(WHAT YOU WILL DO) Filter the records below and copy every line containing the word "name".

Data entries
►

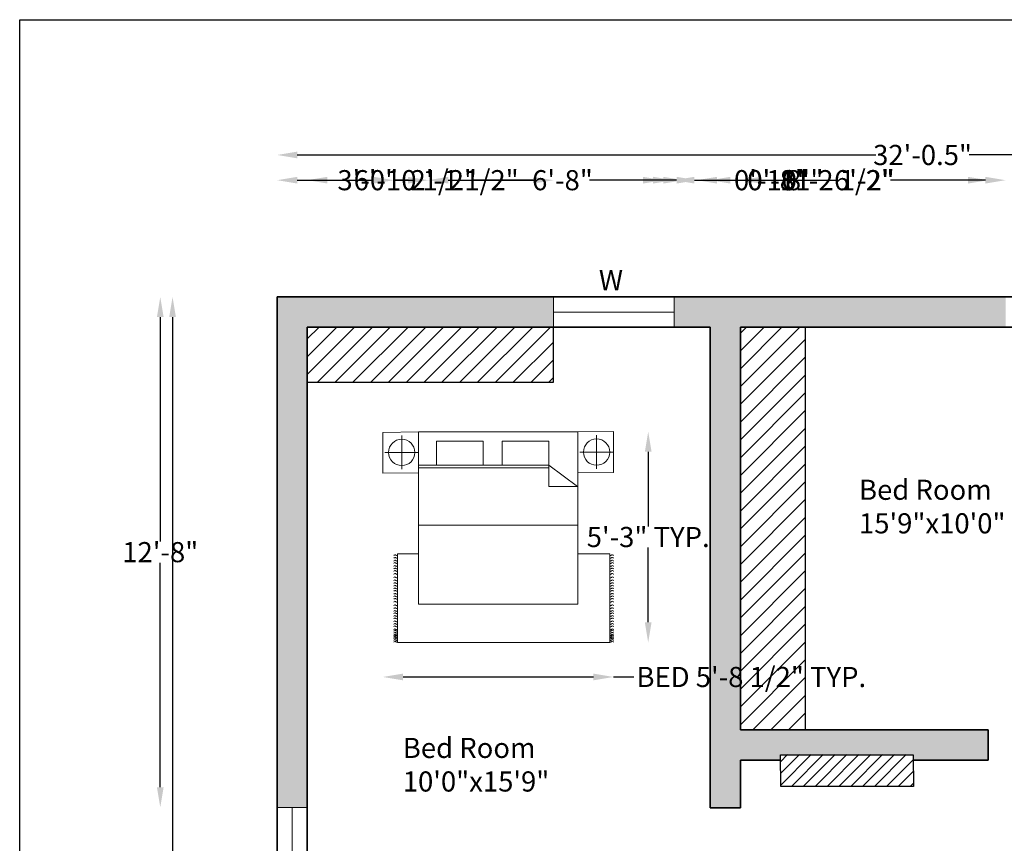
# Model space of a CAD drawing. Units: inches. Extents: x 1054 to 1577, y 4847 to 5610.
# Tile 4 of 5: x 1054 to 1347, y 5365 to 5610. Entities that reach past the tile are written whole.
import ezdxf

# ---------------------------------------------------------------- set-up
doc = ezdxf.new("R2010")
doc.units = ezdxf.units.IN
doc.header["$MEASUREMENT"] = 0
for name, color, linetype, lineweight in [('A-ANNO-DIMS', 2, 'Continuous', 18), ('A-ANNO-TEXT', 7, 'Continuous', 18), ('A-ANNO-TTLB', 7, 'Continuous', 25), ('A-AREA-IDEN', 7, 'Continuous', 18), ('A-FLOR-CASE', 7, 'Continuous', 25), ('A-FLOR-CASE-PATT', 252, 'Continuous', 13), ('A-GLAZ', 4, 'Continuous', 18), ('A-WALL', 7, 'Continuous', 35)]:
    doc.layers.add(name, color=color, linetype=linetype, lineweight=lineweight)
doc.layers.add('A-FURN', color=40, linetype='Continuous', lineweight=18, true_color=0xf8d731)
doc.layers.add('A-WALL-PATT', color=240, linetype='Continuous', lineweight=13, true_color=0xed1f24)
doc.styles.get("Standard").update_dxf_attribs({"font": 'arial.ttf'})
doc.dimstyles.get("Standard").update_dxf_attribs({"dimtxt": 6, "dimasz": 6, "dimexe": 0.18, "dimexo": 0.0625, "dimgap": 0.09, "dimtad": 0, "dimtih": 1, "dimtoh": 1, "dimdec": 1, "dimzin": 0, "dimdsep": 46, "dimlunit": 3, "dimtxsty": 'Standard', "dimcen": 0.09, "dimse1": 1, "dimse2": 1, "dimadec": 0, "dimazin": 0, "dimtfac": 1, "dimtdec": 1, "dimtofl": 0, "dimtmove": 0, "dimatfit": 3, "dimfxl": 1, "dimtolj": 1, "dimtzin": 0, "dimarcsym": 0})

# ---------------------------------------------------------------- blocks, each defined once
blk = doc.blocks.new('*D4')
at = {"layer": 'A-ANNO-DIMS', "color": 0, "lineweight": -2, "transparency": 16777216}
for p, q in [((1136.77, 5569.79), (1309.14, 5569.79)), ((1509.27, 5569.79), (1336.91, 5569.79))]:
    blk.add_line(p, q, dxfattribs=at)
at = {"layer": 'A-ANNO-DIMS', "color": 0, "transparency": 16777216}
for points in [[(1136.77, 5570.79), (1136.77, 5568.79), (1130.77, 5569.79)], [(1509.27, 5570.79), (1509.27, 5568.79), (1515.27, 5569.79)]]:
    blk.add_solid(points, dxfattribs=at)
at = {"layer": 'Defpoints', "color": 0, "transparency": 16777216}
for p in [(1515.27, 5569.79), (1130.77, 5527.48), (1515.27, 5527.48)]:
    blk.add_point(p, dxfattribs=at)
at = {"layer": 'A-ANNO-DIMS', "color": 0, "transparency": 16777216, "insert": (1323.02, 5569.79), "char_height": 6, "attachment_point": 5}
blk.add_mtext('\\A1;32\'-0.5"', dxfattribs=at)
blk = doc.blocks.new('*D5')
at = {"layer": 'A-ANNO-DIMS', "color": 0, "lineweight": -2, "transparency": 16777216}
for p, q in [((1099.63, 5521.48), (1099.63, 5260.62)), ((1099.63, 4993.48), (1099.63, 5254.34))]:
    blk.add_line(p, q, dxfattribs=at)
at = {"layer": 'A-ANNO-DIMS', "color": 0, "transparency": 16777216}
for points in [[(1098.63, 5521.48), (1100.63, 5521.48), (1099.63, 5527.48)], [(1098.63, 4993.48), (1100.63, 4993.48), (1099.63, 4987.48)]]:
    blk.add_solid(points, dxfattribs=at)
at = {"layer": 'Defpoints', "color": 0, "transparency": 16777216}
for p in [(1130.77, 5527.48), (1099.63, 4987.48), (1130.77, 4987.48)]:
    blk.add_point(p, dxfattribs=at)
at = {"layer": 'A-ANNO-DIMS', "color": 0, "transparency": 16777216, "insert": (1099.63, 5257.48), "char_height": 6, "attachment_point": 5}
blk.add_mtext("\\A1;45'", dxfattribs=at)
blk = doc.blocks.new('WINDOW-36IN')
for p, q in [((0, 9), (0, 0)), ((36, 9), (0, 9)), ((36, 0), (36, 9)), ((36, 4.5), (0, 4.5)), ((0, 0), (36, 0))]:
    blk.add_line(p, q)
blk = doc.blocks.new('BED-DOUBLE-WITH-TABLES')
for p, q in [((5.6, 61.62), (5.6, 51.56)), ((63.65, 61.72), (63.65, 51.66)), ((10.63, 56.59), (0.57, 56.59)), ((68.68, 56.69), (58.62, 56.69)), ((49.39, 52.82), (10.63, 52.82)), ((49.39, 52.82), (58, 46.47)), ((49.44, 52.82), (49.44, 46.47)), ((49.44, 52), (10.63, 52)), ((49.44, 46.47), (58, 46.47)), ((58.05, 34.96), (10.63, 34.96)), ((4.35, 0), (4.35, 26.37)), ((4.35, 26.37), (10.65, 26.37)), ((58.05, 26.37), (67.59, 26.37)), ((67.59, 26.37), (67.59, 0)), ((67.59, 0), (4.35, 0))]:
    blk.add_line(p, q)
for points in [[(0, 50.39), (10.63, 50.5), (10.63, 62.68), (0, 62.58)], [(58.05, 62.68), (58.05, 11.37), (10.63, 11.37), (10.63, 62.68)], [(58.05, 50.5), (68.68, 50.6), (68.68, 62.78), (58.05, 62.68)], [(29.88, 59.98), (29.88, 52.82), (15.98, 52.82), (15.98, 59.98)], [(49.44, 59.98), (49.44, 52.82), (35.55, 52.82), (35.55, 59.98)]]:
    blk.add_lwpolyline(points, close=True)
for centre in [(5.6, 56.59), (63.65, 56.69)]:
    blk.add_circle(centre, 3.92)
for points, knots in [([(3.23, 25.84), (3.32, 25.96), (3.52, 26.2), (3.86, 25.96), (4.14, 25.78), (4.29, 25.89), (4.35, 25.94)], [0, 0, 0, 0, 0.400747, 0.791423, 1.067667, 1.29709, 1.29709, 1.29709, 1.29709]), ([(3.23, 25.06), (3.32, 25.18), (3.52, 25.42), (3.86, 25.18), (4.14, 25.01), (4.29, 25.11), (4.35, 25.16)], [0, 0, 0, 0, 0.400747, 0.791423, 1.067667, 1.29709, 1.29709, 1.29709, 1.29709]), ([(3.23, 24.24), (3.32, 24.36), (3.52, 24.6), (3.86, 24.36), (4.14, 24.19), (4.29, 24.3), (4.35, 24.34)], [0, 0, 0, 0, 0.400747, 0.791423, 1.067667, 1.29709, 1.29709, 1.29709, 1.29709]), ([(3.23, 23.51), (3.32, 23.63), (3.52, 23.87), (3.86, 23.63), (4.14, 23.46), (4.29, 23.57), (4.35, 23.62)], [0, 0, 0, 0, 0.400747, 0.791423, 1.067667, 1.29709, 1.29709, 1.29709, 1.29709]), ([(68.71, 25.84), (68.61, 25.96), (68.42, 26.2), (68.08, 25.96), (67.8, 25.78), (67.65, 25.89), (67.58, 25.94)], [0, 0, 0, 0, 0.400747, 0.791423, 1.067667, 1.29709, 1.29709, 1.29709, 1.29709]), ([(68.71, 25.06), (68.61, 25.18), (68.42, 25.42), (68.08, 25.18), (67.8, 25.01), (67.65, 25.11), (67.58, 25.16)], [0, 0, 0, 0, 0.400747, 0.791423, 1.067667, 1.29709, 1.29709, 1.29709, 1.29709]), ([(68.71, 24.24), (68.61, 24.36), (68.42, 24.6), (68.08, 24.36), (67.8, 24.19), (67.65, 24.3), (67.58, 24.34)], [0, 0, 0, 0, 0.400747, 0.791423, 1.067667, 1.29709, 1.29709, 1.29709, 1.29709]), ([(68.71, 23.51), (68.61, 23.63), (68.42, 23.87), (68.08, 23.63), (67.8, 23.46), (67.65, 23.57), (67.58, 23.62)], [0, 0, 0, 0, 0.400747, 0.791423, 1.067667, 1.29709, 1.29709, 1.29709, 1.29709]), ([(3.23, 22.63), (3.32, 22.75), (3.52, 22.99), (3.86, 22.75), (4.14, 22.58), (4.29, 22.69), (4.35, 22.73)], [0, 0, 0, 0, 0.400747, 0.791423, 1.067667, 1.29709, 1.29709, 1.29709, 1.29709]), ([(3.23, 21.88), (3.32, 22), (3.52, 22.24), (3.86, 22), (4.14, 21.83), (4.29, 21.93), (4.35, 21.98)], [0, 0, 0, 0, 0.400747, 0.791423, 1.067667, 1.29709, 1.29709, 1.29709, 1.29709]), ([(3.23, 21.15), (3.32, 21.27), (3.52, 21.51), (3.86, 21.27), (4.14, 21.1), (4.29, 21.21), (4.35, 21.25)], [0, 0, 0, 0, 0.400747, 0.791423, 1.067667, 1.29709, 1.29709, 1.29709, 1.29709]), ([(3.23, 20.27), (3.32, 20.39), (3.52, 20.63), (3.86, 20.39), (4.14, 20.22), (4.29, 20.32), (4.35, 20.37)], [0, 0, 0, 0, 0.400747, 0.791423, 1.067667, 1.29709, 1.29709, 1.29709, 1.29709]), ([(68.71, 22.63), (68.61, 22.75), (68.42, 22.99), (68.08, 22.75), (67.8, 22.58), (67.65, 22.69), (67.58, 22.73)], [0, 0, 0, 0, 0.400747, 0.791423, 1.067667, 1.29709, 1.29709, 1.29709, 1.29709]), ([(68.71, 21.88), (68.61, 22), (68.42, 22.24), (68.08, 22), (67.8, 21.83), (67.65, 21.93), (67.58, 21.98)], [0, 0, 0, 0, 0.400747, 0.791423, 1.067667, 1.29709, 1.29709, 1.29709, 1.29709]), ([(68.71, 21.15), (68.61, 21.27), (68.42, 21.51), (68.08, 21.27), (67.8, 21.1), (67.65, 21.21), (67.58, 21.25)], [0, 0, 0, 0, 0.400747, 0.791423, 1.067667, 1.29709, 1.29709, 1.29709, 1.29709]), ([(68.71, 20.27), (68.61, 20.39), (68.42, 20.63), (68.08, 20.39), (67.8, 20.22), (67.65, 20.32), (67.58, 20.37)], [0, 0, 0, 0, 0.400747, 0.791423, 1.067667, 1.29709, 1.29709, 1.29709, 1.29709]), ([(3.23, 19.23), (3.32, 19.35), (3.52, 19.59), (3.86, 19.35), (4.14, 19.18), (4.29, 19.29), (4.35, 19.33)], [0, 0, 0, 0, 0.400747, 0.791423, 1.067667, 1.29709, 1.29709, 1.29709, 1.29709]), ([(3.23, 18.35), (3.32, 18.47), (3.52, 18.71), (3.86, 18.47), (4.14, 18.3), (4.29, 18.4), (4.35, 18.45)], [0, 0, 0, 0, 0.400747, 0.791423, 1.067667, 1.29709, 1.29709, 1.29709, 1.29709]), ([(3.23, 17.53), (3.32, 17.65), (3.52, 17.89), (3.86, 17.65), (4.14, 17.48), (4.29, 17.59), (4.35, 17.64)], [0, 0, 0, 0, 0.400747, 0.791423, 1.067667, 1.29709, 1.29709, 1.29709, 1.29709]), ([(68.71, 19.23), (68.61, 19.35), (68.42, 19.59), (68.08, 19.35), (67.8, 19.18), (67.65, 19.29), (67.58, 19.33)], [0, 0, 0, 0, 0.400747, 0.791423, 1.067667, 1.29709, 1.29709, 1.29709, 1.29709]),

◄

(ANSWER TO THE EXERCISE)
for name, color, linetype, lineweight in [('A-ANNO-DIMS', 2, 'Continuous', 18), ('A-ANNO-TEXT', 7, 'Continuous', 18), ('A-ANNO-TTLB', 7, 'Continuous', 25), ('A-AREA-IDEN', 7, 'Continuous', 18), ('A-FLOR-CASE', 7, 'Continuous', 25), ('A-FLOR-CASE-PATT', 252, 'Continuous', 13), ('A-GLAZ', 4, 'Continuous', 18), ('A-WALL', 7, 'Continuous', 35)]:
    doc.layers.add(name, color=color, linetype=linetype, lineweight=lineweight)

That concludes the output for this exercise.